Records from a collection:
--- START ---
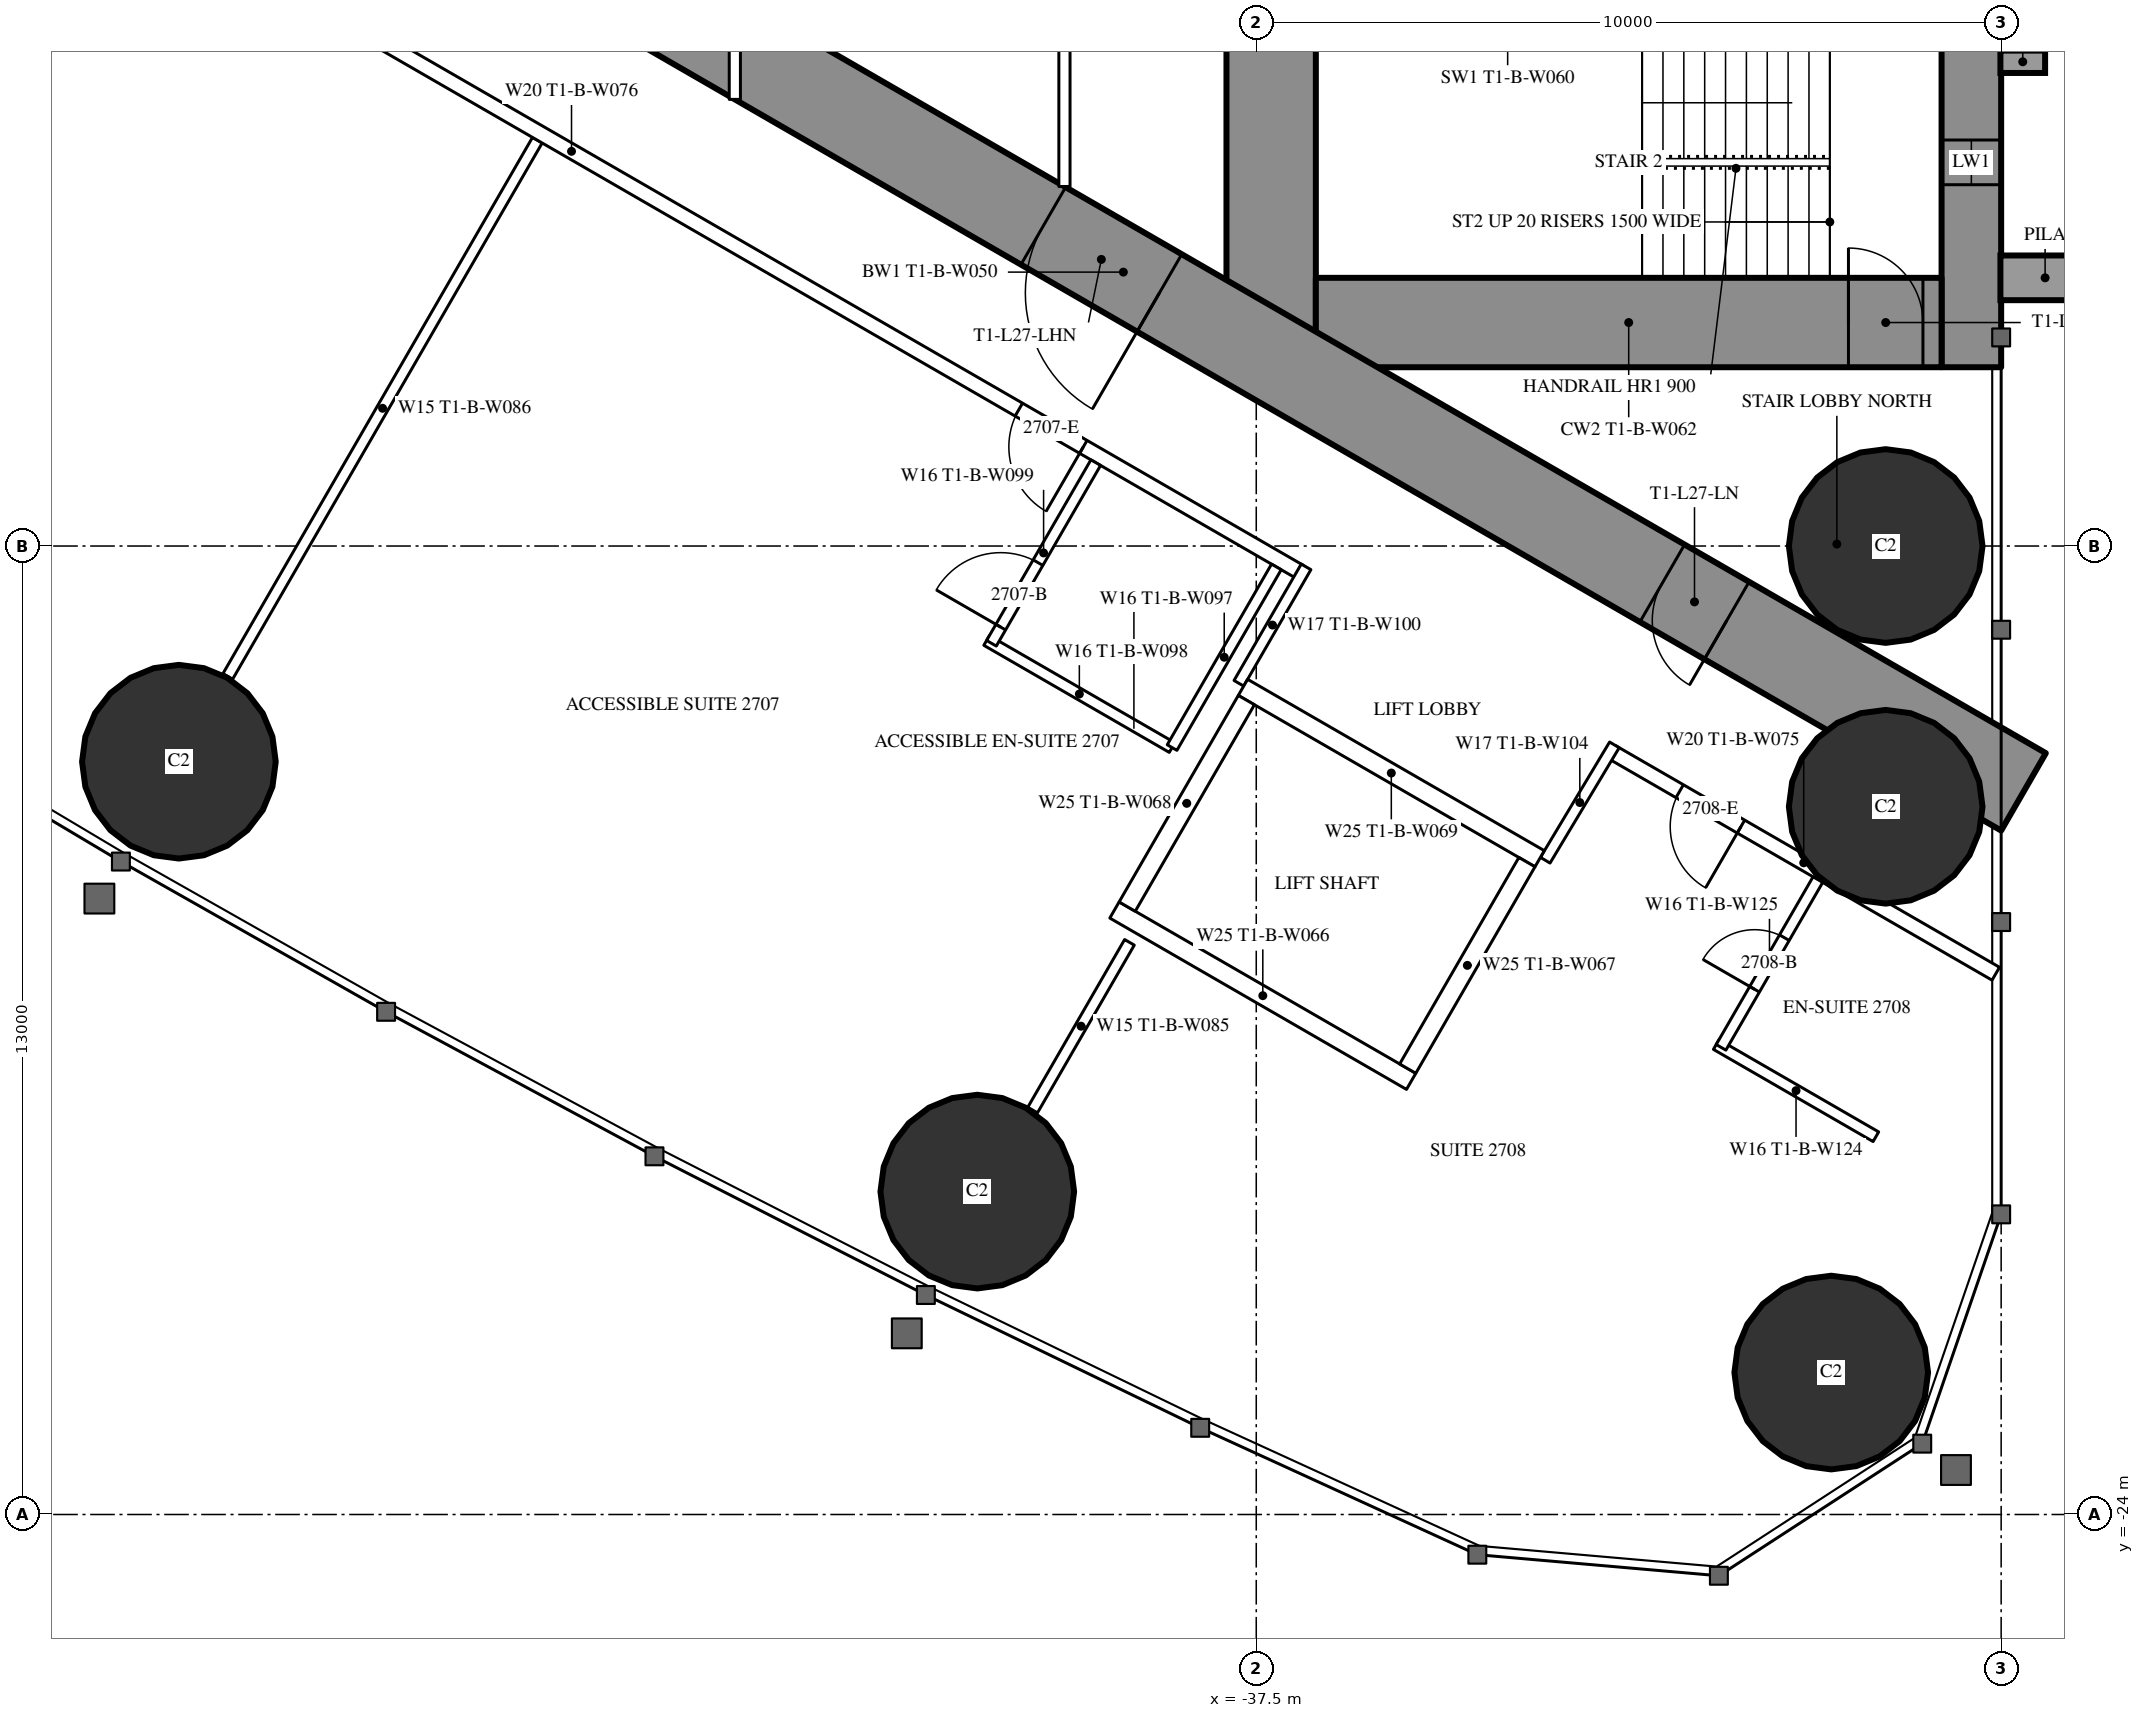
"""IFC4 building model, lengths in metres.
Left out: names, types, materials, properties, quantities, classifications, styles, units other than length and angle.
Written with IfcOpenShell. Run it as: python <this file> out.ifc"""

import sys

from ifc_helpers import new_model, si_unit, direction, frame, frame_2d, origin, origin_2d, place, context, subcontext, project, spatial, rectangle, hollow_circle, extrude, element, fill, save


model = new_model("IFC4")
c1 = context("Model", 3, precision=1e-05, world=origin(), true_north=direction((0.0, 1.0)))
c2 = subcontext(c1, "Body", "Model", "MODEL_VIEW")
j1 = project(units=[si_unit("LENGTHUNIT", "METRE"), si_unit("PLANEANGLEUNIT", "RADIAN")], contexts=[c1])
p1 = place(None, origin())
s1 = spatial("IfcSite", under=j1, at=p1, CompositionType="ELEMENT")
p2 = place(p1, origin())
s2 = spatial("IfcBuilding", under=s1, at=p2, CompositionType="ELEMENT")
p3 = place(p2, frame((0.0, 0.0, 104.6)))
--- END ---
Task details:
Gather all lines of the records that include the word "CompositionType".

Answer space:
s1 = spatial("IfcSite", under=j1, at=p1, CompositionType="ELEMENT")
s2 = spatial("IfcBuilding", under=s1, at=p2, CompositionType="ELEMENT")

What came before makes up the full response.